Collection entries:
·····
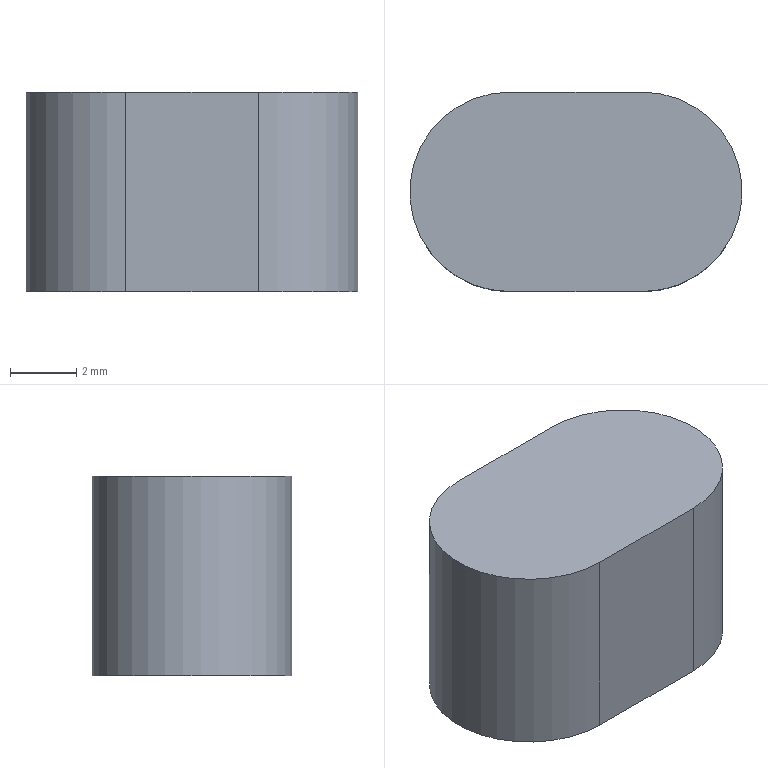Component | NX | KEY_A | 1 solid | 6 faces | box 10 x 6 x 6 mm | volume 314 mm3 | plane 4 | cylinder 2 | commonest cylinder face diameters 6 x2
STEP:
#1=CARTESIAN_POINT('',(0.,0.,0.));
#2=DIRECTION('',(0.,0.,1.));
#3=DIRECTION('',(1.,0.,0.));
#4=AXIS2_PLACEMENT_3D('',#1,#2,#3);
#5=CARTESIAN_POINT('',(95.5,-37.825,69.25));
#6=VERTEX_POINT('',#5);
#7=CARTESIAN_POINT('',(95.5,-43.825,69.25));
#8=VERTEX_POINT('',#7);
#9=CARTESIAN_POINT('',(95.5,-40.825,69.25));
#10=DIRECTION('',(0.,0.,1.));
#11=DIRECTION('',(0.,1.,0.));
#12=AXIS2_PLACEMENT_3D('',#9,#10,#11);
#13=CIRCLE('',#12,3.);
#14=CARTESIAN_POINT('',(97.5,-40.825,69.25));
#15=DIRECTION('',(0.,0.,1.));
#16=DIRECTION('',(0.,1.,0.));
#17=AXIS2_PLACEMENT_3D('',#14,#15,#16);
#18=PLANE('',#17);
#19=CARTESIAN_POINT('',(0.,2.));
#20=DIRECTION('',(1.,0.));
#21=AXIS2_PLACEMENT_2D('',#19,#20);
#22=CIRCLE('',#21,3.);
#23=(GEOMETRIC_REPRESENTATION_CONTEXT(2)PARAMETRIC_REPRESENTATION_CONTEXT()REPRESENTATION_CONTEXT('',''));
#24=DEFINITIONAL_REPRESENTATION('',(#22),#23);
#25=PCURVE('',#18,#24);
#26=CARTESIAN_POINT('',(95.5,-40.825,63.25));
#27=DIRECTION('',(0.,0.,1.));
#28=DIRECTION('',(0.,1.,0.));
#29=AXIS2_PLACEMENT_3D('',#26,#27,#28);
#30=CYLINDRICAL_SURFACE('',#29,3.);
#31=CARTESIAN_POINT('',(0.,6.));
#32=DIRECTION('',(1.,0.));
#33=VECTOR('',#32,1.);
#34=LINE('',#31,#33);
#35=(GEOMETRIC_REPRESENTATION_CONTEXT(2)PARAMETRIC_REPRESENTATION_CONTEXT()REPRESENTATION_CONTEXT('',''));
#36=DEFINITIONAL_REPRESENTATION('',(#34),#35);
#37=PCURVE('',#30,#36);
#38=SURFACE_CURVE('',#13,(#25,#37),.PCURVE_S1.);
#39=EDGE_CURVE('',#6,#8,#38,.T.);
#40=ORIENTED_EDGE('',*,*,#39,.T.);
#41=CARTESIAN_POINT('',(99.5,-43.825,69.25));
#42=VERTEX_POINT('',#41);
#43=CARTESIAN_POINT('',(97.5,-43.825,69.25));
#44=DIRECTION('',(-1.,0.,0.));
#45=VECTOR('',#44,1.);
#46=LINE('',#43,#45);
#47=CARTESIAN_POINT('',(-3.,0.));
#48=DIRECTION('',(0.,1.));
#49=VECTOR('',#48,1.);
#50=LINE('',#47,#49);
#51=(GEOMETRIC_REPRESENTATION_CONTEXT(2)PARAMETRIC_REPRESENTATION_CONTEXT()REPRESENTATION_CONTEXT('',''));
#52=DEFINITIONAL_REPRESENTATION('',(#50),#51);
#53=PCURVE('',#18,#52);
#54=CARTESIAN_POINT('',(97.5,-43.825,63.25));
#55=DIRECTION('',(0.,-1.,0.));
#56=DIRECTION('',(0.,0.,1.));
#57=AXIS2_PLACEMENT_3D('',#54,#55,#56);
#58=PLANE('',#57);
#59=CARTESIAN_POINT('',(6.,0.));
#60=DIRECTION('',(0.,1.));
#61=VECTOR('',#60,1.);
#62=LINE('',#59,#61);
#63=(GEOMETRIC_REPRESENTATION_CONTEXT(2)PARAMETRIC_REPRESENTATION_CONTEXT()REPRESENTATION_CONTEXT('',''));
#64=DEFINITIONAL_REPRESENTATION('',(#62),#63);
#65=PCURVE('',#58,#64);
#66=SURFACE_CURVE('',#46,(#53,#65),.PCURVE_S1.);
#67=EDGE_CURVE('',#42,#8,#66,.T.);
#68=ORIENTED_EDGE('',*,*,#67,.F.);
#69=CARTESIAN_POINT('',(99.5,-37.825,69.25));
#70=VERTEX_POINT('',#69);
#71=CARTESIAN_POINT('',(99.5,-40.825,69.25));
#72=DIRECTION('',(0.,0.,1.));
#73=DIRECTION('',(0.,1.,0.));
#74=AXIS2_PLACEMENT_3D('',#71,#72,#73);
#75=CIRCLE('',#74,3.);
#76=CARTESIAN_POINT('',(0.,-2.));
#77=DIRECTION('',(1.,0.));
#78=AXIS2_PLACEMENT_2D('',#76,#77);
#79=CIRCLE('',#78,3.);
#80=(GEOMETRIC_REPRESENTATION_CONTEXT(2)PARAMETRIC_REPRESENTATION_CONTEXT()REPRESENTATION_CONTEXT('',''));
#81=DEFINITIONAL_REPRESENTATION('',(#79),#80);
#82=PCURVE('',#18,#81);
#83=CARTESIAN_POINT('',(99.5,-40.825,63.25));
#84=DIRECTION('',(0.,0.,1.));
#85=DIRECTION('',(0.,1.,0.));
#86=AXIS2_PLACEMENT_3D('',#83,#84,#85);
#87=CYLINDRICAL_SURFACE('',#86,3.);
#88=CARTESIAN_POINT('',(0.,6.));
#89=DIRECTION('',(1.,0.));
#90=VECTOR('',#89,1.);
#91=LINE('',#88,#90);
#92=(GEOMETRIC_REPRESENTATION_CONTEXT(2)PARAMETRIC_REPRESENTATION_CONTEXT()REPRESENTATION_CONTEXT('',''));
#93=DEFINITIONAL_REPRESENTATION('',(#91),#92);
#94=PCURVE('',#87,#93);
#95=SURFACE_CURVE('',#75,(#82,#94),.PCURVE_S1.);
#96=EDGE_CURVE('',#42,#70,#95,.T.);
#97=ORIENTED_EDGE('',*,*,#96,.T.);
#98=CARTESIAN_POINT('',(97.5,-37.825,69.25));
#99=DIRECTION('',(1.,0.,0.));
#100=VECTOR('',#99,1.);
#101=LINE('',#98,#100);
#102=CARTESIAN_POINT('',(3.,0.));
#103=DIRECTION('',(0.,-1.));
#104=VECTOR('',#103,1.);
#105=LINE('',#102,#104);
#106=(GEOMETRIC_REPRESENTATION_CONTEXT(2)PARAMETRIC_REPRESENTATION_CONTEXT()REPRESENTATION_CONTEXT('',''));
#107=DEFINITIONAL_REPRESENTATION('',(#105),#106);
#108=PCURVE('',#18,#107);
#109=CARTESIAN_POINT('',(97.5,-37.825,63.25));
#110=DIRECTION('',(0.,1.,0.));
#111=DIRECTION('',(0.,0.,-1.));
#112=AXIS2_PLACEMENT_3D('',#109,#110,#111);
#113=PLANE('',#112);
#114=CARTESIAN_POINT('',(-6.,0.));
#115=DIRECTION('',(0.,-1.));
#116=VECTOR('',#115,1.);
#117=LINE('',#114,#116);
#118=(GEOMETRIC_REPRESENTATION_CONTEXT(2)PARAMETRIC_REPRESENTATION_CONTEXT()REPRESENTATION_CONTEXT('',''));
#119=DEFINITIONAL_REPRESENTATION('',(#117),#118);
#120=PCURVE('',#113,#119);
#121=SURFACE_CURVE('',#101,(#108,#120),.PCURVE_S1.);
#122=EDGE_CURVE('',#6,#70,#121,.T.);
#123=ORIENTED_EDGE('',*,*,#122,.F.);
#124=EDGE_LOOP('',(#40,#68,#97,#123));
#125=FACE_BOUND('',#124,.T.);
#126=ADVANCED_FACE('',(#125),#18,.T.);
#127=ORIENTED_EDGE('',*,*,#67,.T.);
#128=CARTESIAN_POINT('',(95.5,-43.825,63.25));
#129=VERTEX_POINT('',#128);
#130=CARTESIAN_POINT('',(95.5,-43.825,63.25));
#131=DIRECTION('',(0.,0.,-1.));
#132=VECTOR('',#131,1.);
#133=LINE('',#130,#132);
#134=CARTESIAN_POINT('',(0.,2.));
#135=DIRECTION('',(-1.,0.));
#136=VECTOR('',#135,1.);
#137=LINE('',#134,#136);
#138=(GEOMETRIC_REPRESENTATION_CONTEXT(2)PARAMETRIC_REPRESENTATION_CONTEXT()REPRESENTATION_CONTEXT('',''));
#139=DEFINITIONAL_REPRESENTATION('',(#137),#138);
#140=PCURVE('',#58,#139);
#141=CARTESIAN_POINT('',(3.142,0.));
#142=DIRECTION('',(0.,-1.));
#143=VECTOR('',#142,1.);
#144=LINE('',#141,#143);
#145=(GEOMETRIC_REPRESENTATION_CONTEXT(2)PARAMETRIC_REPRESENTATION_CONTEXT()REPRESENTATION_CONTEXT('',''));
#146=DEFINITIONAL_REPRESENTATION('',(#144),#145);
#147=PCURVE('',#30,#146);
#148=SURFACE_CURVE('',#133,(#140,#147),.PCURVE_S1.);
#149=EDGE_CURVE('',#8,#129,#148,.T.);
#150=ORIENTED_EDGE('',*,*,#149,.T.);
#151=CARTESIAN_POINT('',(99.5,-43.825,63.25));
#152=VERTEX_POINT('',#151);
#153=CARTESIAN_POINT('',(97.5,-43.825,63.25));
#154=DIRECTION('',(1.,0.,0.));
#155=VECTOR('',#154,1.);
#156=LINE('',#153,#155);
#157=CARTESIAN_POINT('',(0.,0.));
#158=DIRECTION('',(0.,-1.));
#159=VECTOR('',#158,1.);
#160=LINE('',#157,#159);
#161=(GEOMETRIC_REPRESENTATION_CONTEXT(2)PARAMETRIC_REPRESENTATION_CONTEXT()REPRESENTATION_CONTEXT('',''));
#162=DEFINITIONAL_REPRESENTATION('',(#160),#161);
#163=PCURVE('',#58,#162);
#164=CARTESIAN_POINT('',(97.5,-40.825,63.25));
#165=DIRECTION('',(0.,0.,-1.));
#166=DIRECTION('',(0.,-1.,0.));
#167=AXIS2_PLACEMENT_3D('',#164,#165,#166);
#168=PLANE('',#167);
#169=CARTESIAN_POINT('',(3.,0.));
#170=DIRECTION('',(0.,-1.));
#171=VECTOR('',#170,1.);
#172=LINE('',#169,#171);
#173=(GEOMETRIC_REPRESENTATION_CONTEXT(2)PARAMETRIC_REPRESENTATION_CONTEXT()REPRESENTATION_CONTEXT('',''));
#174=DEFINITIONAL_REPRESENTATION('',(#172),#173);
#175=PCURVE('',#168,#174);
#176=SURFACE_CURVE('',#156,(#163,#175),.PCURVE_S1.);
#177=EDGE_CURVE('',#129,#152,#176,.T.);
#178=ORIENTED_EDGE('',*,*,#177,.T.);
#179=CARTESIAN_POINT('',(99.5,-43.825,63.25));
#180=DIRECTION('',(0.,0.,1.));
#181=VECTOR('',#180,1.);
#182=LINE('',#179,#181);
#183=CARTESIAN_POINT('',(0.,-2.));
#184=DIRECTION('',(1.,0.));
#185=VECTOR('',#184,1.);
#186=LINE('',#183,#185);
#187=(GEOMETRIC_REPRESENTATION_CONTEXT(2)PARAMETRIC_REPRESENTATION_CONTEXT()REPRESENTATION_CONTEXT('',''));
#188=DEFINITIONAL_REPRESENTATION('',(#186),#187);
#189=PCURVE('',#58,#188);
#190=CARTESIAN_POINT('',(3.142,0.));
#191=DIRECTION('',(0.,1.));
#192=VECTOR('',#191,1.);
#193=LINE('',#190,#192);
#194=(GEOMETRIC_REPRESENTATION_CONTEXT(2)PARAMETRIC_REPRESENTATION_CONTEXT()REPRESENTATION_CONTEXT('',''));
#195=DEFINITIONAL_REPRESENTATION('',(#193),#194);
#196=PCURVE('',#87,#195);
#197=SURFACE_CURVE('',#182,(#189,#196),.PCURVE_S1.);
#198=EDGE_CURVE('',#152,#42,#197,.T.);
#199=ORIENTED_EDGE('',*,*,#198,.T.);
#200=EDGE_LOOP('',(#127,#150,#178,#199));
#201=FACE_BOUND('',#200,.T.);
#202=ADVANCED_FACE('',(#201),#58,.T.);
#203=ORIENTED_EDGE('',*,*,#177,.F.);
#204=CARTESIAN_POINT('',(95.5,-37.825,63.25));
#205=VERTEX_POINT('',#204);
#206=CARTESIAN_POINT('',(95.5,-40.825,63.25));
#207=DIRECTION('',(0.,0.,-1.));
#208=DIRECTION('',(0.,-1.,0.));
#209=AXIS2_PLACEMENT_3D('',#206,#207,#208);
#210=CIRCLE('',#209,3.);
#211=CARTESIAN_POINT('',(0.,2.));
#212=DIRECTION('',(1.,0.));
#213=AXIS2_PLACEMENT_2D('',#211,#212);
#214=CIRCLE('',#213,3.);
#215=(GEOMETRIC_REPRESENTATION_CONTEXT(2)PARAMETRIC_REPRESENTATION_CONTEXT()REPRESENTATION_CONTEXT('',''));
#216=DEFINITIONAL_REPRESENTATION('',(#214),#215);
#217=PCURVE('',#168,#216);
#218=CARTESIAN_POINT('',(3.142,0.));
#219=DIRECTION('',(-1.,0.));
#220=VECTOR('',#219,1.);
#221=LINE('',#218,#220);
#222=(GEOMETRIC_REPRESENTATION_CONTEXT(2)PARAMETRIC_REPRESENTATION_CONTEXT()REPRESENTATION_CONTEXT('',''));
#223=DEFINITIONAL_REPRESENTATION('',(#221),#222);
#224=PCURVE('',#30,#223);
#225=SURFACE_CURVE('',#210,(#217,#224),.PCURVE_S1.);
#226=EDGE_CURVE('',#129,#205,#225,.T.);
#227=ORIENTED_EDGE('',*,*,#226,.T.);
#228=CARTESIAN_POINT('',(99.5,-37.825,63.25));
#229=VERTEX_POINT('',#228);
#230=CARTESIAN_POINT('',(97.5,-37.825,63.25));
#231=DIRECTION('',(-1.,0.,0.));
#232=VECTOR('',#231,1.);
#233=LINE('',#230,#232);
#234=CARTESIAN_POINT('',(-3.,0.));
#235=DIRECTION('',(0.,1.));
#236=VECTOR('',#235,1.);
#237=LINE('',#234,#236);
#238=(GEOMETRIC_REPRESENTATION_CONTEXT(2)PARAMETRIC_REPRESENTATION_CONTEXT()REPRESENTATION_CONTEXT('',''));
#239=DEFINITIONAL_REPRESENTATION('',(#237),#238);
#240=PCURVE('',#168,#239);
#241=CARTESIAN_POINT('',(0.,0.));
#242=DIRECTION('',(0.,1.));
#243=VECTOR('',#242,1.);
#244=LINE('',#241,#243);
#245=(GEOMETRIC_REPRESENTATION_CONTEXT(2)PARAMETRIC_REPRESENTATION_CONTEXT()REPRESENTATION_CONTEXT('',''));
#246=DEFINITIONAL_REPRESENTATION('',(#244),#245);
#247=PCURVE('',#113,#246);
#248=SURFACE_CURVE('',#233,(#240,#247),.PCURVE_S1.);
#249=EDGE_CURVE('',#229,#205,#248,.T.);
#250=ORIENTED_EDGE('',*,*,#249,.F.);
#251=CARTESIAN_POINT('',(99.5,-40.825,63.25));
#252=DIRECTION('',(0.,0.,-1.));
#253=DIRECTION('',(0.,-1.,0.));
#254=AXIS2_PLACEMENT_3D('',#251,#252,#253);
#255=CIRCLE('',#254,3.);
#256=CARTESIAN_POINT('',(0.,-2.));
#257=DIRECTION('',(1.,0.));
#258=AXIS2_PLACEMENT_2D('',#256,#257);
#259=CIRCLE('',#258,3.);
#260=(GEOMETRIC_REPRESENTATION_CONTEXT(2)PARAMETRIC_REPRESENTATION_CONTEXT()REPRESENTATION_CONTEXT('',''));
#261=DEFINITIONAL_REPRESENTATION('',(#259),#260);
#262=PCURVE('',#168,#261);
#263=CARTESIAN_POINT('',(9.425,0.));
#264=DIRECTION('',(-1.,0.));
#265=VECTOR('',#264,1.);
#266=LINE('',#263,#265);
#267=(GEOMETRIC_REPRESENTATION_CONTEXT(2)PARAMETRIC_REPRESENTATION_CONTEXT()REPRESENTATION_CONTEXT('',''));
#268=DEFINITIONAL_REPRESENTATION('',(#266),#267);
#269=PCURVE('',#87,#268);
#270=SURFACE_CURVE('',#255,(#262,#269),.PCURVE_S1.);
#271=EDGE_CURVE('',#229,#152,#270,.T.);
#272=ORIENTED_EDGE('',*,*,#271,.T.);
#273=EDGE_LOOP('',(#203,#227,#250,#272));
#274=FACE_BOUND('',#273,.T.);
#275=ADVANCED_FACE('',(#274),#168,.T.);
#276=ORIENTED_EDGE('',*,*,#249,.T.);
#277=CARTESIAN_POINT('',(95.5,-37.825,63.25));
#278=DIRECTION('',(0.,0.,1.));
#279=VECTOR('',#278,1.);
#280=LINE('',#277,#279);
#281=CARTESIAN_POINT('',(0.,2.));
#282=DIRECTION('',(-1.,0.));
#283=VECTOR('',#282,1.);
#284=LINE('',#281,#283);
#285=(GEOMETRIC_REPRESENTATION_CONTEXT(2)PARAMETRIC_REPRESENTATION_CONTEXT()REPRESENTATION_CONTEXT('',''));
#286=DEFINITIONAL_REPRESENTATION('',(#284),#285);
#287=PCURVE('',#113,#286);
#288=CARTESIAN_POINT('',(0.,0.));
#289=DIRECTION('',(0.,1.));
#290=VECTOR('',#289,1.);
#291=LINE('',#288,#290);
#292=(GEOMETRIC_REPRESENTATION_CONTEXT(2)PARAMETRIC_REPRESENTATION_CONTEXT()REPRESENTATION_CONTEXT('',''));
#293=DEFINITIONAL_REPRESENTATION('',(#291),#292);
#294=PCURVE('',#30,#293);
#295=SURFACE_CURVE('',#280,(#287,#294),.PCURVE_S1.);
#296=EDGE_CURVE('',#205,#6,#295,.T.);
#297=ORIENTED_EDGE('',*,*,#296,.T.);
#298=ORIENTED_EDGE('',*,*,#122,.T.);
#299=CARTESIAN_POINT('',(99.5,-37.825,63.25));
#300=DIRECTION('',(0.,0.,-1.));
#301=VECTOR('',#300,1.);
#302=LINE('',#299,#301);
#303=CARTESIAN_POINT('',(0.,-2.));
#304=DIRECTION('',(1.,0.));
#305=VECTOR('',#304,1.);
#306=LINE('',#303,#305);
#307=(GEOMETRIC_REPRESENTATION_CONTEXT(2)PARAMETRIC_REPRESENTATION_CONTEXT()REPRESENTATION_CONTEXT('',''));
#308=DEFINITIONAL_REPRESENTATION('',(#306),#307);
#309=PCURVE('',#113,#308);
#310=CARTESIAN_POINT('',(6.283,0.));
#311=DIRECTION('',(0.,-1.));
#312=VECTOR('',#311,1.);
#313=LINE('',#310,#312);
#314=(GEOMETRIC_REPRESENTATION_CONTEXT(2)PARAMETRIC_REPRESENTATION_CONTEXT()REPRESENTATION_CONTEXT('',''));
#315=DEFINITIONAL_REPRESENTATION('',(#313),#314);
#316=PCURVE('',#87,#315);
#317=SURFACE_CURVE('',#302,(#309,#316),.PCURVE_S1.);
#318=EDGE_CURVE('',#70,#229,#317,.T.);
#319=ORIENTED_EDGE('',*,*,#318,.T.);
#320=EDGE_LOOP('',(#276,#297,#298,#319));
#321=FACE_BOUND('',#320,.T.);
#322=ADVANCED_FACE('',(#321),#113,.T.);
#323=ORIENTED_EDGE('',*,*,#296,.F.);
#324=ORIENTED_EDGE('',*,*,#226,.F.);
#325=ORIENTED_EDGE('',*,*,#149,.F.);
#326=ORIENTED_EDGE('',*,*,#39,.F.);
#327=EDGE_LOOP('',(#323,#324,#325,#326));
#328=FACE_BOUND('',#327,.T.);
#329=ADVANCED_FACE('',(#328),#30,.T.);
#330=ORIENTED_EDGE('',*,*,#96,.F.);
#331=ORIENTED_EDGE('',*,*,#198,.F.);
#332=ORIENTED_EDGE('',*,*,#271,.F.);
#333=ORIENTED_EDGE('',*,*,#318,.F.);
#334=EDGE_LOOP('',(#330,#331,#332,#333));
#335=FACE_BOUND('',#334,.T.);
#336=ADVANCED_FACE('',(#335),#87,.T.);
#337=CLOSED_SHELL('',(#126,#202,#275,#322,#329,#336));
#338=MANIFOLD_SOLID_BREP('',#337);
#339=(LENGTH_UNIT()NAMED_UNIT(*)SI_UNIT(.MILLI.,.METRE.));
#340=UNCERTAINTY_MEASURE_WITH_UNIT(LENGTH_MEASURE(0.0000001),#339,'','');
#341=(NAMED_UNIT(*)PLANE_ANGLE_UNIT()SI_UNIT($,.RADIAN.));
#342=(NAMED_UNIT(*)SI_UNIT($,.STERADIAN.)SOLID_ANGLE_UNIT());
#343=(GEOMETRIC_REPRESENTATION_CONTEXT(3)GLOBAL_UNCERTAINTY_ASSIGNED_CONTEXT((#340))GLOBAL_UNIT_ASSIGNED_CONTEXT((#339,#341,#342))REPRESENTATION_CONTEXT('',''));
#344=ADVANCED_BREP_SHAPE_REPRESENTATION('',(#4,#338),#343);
·····
== Task directions ==
Exact duplication is required for the lines above, from the line that contains "#171=VECTOR('',#170,1.);" to the line that contains "#193=LINE('',#190,#192);", inclusive; omit all others.

== Response box ==
#171=VECTOR('',#170,1.);
#172=LINE('',#169,#171);
#173=(GEOMETRIC_REPRESENTATION_CONTEXT(2)PARAMETRIC_REPRESENTATION_CONTEXT()REPRESENTATION_CONTEXT('',''));
#174=DEFINITIONAL_REPRESENTATION('',(#172),#173);
#175=PCURVE('',#168,#174);
#176=SURFACE_CURVE('',#156,(#163,#175),.PCURVE_S1.);
#177=EDGE_CURVE('',#129,#152,#176,.T.);
#178=ORIENTED_EDGE('',*,*,#177,.T.);
#179=CARTESIAN_POINT('',(99.5,-43.825,63.25));
#180=DIRECTION('',(0.,0.,1.));
#181=VECTOR('',#180,1.);
#182=LINE('',#179,#181);
#183=CARTESIAN_POINT('',(0.,-2.));
#184=DIRECTION('',(1.,0.));
#185=VECTOR('',#184,1.);
#186=LINE('',#183,#185);
#187=(GEOMETRIC_REPRESENTATION_CONTEXT(2)PARAMETRIC_REPRESENTATION_CONTEXT()REPRESENTATION_CONTEXT('',''));
#188=DEFINITIONAL_REPRESENTATION('',(#186),#187);
#189=PCURVE('',#58,#188);
#190=CARTESIAN_POINT('',(3.142,0.));
#191=DIRECTION('',(0.,1.));
#192=VECTOR('',#191,1.);
#193=LINE('',#190,#192);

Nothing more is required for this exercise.